* Work to be completed *
The response must be made up of the lines in the entries below that contain "METRE".

Recorded data:

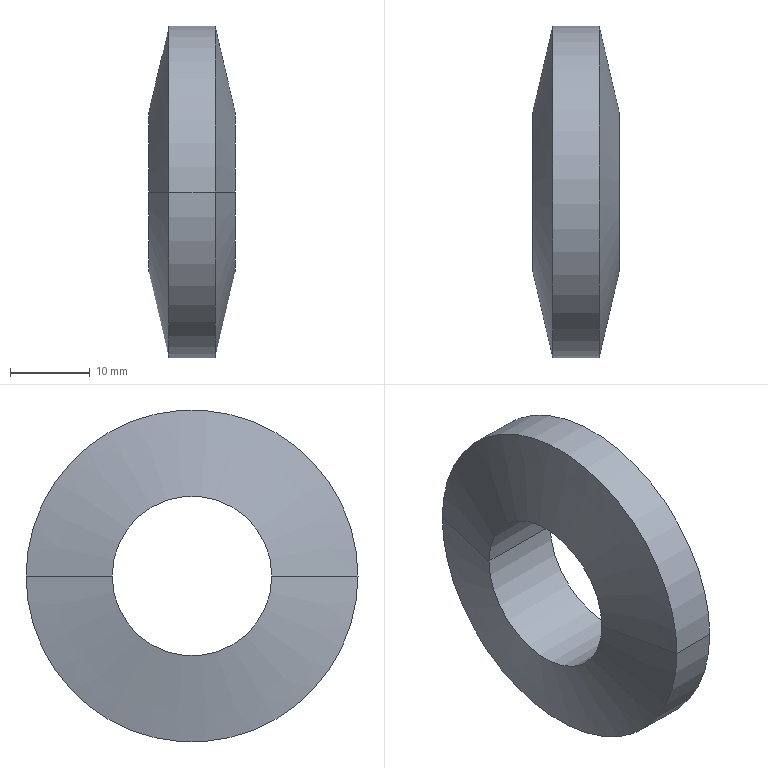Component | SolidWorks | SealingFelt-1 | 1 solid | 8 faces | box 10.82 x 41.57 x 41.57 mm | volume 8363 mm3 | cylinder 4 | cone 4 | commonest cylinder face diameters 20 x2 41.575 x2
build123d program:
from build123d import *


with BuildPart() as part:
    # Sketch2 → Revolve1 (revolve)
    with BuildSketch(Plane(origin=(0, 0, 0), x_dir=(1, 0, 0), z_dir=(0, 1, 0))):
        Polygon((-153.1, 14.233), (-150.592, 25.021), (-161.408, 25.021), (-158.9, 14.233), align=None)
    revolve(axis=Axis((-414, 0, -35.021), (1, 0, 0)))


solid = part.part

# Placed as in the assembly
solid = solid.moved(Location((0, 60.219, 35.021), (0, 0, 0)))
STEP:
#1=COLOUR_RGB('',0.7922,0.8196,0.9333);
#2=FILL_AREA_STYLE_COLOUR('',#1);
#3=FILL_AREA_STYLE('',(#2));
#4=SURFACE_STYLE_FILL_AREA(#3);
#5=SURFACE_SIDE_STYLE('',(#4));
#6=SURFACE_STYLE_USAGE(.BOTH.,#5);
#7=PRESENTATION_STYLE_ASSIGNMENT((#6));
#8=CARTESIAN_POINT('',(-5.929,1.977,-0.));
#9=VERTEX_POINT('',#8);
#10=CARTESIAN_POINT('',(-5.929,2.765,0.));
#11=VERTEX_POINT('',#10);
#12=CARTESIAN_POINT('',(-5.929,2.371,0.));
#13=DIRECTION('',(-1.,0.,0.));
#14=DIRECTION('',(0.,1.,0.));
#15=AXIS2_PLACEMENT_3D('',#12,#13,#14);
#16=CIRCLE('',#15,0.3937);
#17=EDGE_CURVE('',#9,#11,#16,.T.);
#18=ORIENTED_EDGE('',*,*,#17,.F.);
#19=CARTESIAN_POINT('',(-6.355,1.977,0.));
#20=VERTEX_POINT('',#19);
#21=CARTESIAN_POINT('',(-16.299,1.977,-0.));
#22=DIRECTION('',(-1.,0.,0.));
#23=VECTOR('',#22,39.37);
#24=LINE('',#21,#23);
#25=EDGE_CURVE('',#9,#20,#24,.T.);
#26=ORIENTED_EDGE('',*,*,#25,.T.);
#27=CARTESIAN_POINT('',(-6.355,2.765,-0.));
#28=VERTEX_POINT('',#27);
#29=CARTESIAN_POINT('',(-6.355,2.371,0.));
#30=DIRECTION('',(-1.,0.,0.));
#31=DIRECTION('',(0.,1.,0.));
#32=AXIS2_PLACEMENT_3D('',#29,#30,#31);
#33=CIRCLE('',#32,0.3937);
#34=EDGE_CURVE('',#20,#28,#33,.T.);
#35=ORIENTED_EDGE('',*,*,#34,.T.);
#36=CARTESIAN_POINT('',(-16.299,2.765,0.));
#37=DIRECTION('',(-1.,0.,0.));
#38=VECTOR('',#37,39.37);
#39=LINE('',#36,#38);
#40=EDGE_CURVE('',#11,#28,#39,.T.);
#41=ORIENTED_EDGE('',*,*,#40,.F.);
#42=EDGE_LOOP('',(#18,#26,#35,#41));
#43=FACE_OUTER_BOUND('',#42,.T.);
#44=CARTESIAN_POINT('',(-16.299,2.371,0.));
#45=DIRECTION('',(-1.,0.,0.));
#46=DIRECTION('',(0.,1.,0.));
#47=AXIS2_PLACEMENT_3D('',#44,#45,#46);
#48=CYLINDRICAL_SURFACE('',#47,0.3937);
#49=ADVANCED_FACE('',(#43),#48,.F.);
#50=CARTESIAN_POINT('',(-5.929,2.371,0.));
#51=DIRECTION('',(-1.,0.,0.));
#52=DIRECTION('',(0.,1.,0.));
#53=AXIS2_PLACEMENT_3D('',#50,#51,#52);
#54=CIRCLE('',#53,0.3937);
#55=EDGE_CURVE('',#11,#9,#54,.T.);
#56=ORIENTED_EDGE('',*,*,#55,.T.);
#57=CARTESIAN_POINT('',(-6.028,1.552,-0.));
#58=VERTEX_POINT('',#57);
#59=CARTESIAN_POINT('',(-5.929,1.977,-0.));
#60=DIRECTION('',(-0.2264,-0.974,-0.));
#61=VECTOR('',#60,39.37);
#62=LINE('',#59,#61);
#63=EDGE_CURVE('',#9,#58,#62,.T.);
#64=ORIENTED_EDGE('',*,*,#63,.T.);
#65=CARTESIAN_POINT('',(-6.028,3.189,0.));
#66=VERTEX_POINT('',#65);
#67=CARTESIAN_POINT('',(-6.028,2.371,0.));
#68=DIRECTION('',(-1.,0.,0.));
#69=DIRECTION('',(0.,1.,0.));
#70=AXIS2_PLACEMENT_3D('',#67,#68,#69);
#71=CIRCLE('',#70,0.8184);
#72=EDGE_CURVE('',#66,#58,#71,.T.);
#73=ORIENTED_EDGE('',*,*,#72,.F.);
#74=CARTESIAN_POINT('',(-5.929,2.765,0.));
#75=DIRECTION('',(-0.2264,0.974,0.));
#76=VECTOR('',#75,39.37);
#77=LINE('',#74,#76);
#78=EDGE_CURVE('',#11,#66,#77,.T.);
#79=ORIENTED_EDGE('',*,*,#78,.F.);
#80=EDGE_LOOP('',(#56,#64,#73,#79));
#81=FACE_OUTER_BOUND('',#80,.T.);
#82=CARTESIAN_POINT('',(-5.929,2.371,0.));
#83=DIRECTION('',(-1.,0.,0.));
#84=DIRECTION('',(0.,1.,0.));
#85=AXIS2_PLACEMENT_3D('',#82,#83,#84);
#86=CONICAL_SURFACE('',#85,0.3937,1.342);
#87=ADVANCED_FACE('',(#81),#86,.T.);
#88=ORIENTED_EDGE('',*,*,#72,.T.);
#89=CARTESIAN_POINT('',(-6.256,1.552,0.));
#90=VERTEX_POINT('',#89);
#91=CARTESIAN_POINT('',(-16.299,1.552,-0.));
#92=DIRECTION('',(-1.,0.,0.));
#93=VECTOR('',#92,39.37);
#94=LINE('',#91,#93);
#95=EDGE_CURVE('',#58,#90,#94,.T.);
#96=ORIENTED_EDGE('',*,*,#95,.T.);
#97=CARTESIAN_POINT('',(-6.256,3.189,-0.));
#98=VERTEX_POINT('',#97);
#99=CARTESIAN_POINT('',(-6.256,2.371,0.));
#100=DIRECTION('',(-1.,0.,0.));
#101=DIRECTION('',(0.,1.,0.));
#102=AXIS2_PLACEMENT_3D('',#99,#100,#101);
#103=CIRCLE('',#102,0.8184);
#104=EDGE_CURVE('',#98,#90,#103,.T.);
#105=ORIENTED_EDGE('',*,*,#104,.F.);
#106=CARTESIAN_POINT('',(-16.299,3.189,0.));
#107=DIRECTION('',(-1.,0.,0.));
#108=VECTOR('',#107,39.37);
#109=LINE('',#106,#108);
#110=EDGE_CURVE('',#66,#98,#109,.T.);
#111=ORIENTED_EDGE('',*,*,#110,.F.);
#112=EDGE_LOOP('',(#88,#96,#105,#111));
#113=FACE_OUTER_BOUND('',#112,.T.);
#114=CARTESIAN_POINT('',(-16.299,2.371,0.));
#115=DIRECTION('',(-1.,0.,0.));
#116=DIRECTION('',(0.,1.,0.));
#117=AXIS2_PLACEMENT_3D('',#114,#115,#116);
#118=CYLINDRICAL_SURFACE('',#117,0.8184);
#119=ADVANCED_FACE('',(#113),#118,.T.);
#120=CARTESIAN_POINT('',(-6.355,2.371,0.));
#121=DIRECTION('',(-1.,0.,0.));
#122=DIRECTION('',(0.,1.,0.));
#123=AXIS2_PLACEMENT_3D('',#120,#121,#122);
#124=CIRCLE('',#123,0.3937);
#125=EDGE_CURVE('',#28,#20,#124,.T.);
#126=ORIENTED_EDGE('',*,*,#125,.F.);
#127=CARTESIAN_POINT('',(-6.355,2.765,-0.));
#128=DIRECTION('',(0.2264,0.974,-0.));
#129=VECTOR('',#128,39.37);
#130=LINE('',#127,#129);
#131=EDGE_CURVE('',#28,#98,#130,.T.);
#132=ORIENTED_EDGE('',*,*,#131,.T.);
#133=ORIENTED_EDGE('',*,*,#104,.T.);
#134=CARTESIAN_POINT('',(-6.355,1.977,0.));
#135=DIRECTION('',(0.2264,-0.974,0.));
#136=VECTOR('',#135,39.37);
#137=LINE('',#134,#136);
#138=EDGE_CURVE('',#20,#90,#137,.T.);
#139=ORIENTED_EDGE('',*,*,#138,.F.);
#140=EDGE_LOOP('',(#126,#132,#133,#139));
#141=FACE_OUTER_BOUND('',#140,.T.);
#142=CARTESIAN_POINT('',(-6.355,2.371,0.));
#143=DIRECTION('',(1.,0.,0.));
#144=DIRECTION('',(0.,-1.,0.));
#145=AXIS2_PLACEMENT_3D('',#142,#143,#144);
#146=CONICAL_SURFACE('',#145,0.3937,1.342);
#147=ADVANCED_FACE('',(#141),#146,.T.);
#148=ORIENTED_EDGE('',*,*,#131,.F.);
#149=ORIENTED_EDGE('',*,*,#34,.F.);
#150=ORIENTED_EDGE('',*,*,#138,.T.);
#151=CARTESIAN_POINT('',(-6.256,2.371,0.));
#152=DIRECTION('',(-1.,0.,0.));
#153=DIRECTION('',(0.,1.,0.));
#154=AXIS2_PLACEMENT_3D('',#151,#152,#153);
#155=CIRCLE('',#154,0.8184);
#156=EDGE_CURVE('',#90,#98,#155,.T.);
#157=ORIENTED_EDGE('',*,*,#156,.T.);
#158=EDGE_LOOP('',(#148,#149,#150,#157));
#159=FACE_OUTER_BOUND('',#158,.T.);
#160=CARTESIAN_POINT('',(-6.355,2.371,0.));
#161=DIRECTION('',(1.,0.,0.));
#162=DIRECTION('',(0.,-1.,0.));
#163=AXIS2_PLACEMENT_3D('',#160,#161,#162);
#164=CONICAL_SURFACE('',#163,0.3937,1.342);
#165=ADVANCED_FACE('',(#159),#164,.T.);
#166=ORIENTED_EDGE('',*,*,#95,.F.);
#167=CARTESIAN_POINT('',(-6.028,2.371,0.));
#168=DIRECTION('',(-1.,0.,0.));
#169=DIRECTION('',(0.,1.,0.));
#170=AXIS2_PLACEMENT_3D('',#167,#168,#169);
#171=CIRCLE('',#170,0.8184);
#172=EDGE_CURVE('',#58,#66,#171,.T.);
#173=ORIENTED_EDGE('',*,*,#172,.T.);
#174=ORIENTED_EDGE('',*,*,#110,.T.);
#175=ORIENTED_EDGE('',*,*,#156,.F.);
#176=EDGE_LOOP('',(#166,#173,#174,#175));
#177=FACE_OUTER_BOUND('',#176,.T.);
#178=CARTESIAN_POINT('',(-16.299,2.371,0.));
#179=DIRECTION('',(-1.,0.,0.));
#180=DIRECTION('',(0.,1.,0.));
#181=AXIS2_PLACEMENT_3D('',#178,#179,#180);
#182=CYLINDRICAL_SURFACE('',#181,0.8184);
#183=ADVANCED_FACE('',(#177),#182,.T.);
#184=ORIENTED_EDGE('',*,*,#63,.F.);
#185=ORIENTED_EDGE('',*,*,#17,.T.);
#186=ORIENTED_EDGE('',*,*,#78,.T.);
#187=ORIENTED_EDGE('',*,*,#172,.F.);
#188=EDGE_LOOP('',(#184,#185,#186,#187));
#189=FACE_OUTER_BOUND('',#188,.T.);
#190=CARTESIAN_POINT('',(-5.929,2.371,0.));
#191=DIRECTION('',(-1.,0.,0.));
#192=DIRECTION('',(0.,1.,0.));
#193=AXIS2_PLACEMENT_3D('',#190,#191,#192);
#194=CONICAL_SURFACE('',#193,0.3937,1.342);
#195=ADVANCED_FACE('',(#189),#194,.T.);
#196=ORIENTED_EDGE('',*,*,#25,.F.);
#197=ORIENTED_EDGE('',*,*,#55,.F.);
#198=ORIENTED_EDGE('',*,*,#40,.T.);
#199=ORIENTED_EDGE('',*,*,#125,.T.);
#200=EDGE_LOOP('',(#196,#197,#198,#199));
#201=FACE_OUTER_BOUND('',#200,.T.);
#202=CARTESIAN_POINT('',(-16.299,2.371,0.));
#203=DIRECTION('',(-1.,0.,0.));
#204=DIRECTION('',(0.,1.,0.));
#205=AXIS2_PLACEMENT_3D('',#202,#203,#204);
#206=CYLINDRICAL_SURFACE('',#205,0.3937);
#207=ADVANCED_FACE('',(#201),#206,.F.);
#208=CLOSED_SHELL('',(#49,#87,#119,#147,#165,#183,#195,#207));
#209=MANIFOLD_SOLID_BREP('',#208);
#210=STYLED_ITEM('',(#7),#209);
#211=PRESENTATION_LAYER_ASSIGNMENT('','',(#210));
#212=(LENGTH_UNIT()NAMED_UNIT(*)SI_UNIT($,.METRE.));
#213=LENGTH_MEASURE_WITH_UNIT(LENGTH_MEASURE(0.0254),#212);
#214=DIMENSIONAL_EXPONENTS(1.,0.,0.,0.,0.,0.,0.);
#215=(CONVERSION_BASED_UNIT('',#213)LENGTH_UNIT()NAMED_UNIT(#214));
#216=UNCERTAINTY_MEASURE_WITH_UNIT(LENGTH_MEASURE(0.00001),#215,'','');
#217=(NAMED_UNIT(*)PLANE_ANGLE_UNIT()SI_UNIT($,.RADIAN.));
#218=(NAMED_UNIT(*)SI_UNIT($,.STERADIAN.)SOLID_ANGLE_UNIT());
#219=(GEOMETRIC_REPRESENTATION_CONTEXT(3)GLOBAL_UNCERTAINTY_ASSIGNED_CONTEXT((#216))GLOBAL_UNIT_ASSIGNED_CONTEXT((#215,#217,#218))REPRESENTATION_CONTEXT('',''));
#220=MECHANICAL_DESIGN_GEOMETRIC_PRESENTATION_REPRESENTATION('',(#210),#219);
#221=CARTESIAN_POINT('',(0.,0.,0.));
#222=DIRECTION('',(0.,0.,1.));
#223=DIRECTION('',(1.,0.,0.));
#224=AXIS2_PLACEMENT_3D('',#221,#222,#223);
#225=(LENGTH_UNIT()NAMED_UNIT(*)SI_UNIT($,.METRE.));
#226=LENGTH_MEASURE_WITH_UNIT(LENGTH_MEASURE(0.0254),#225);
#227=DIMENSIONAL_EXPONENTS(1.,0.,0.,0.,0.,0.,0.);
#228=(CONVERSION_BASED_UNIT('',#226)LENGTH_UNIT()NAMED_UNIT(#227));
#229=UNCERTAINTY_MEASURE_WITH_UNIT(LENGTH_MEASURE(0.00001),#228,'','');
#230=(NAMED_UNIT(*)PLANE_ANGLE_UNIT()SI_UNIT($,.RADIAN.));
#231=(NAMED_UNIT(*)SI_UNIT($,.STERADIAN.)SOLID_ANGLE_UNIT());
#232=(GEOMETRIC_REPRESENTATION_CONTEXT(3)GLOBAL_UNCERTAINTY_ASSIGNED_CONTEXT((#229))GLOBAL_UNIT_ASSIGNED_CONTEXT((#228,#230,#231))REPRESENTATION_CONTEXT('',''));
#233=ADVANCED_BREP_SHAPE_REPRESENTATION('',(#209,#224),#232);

* Exercise output *
#212=(LENGTH_UNIT()NAMED_UNIT(*)SI_UNIT($,.METRE.));
#225=(LENGTH_UNIT()NAMED_UNIT(*)SI_UNIT($,.METRE.));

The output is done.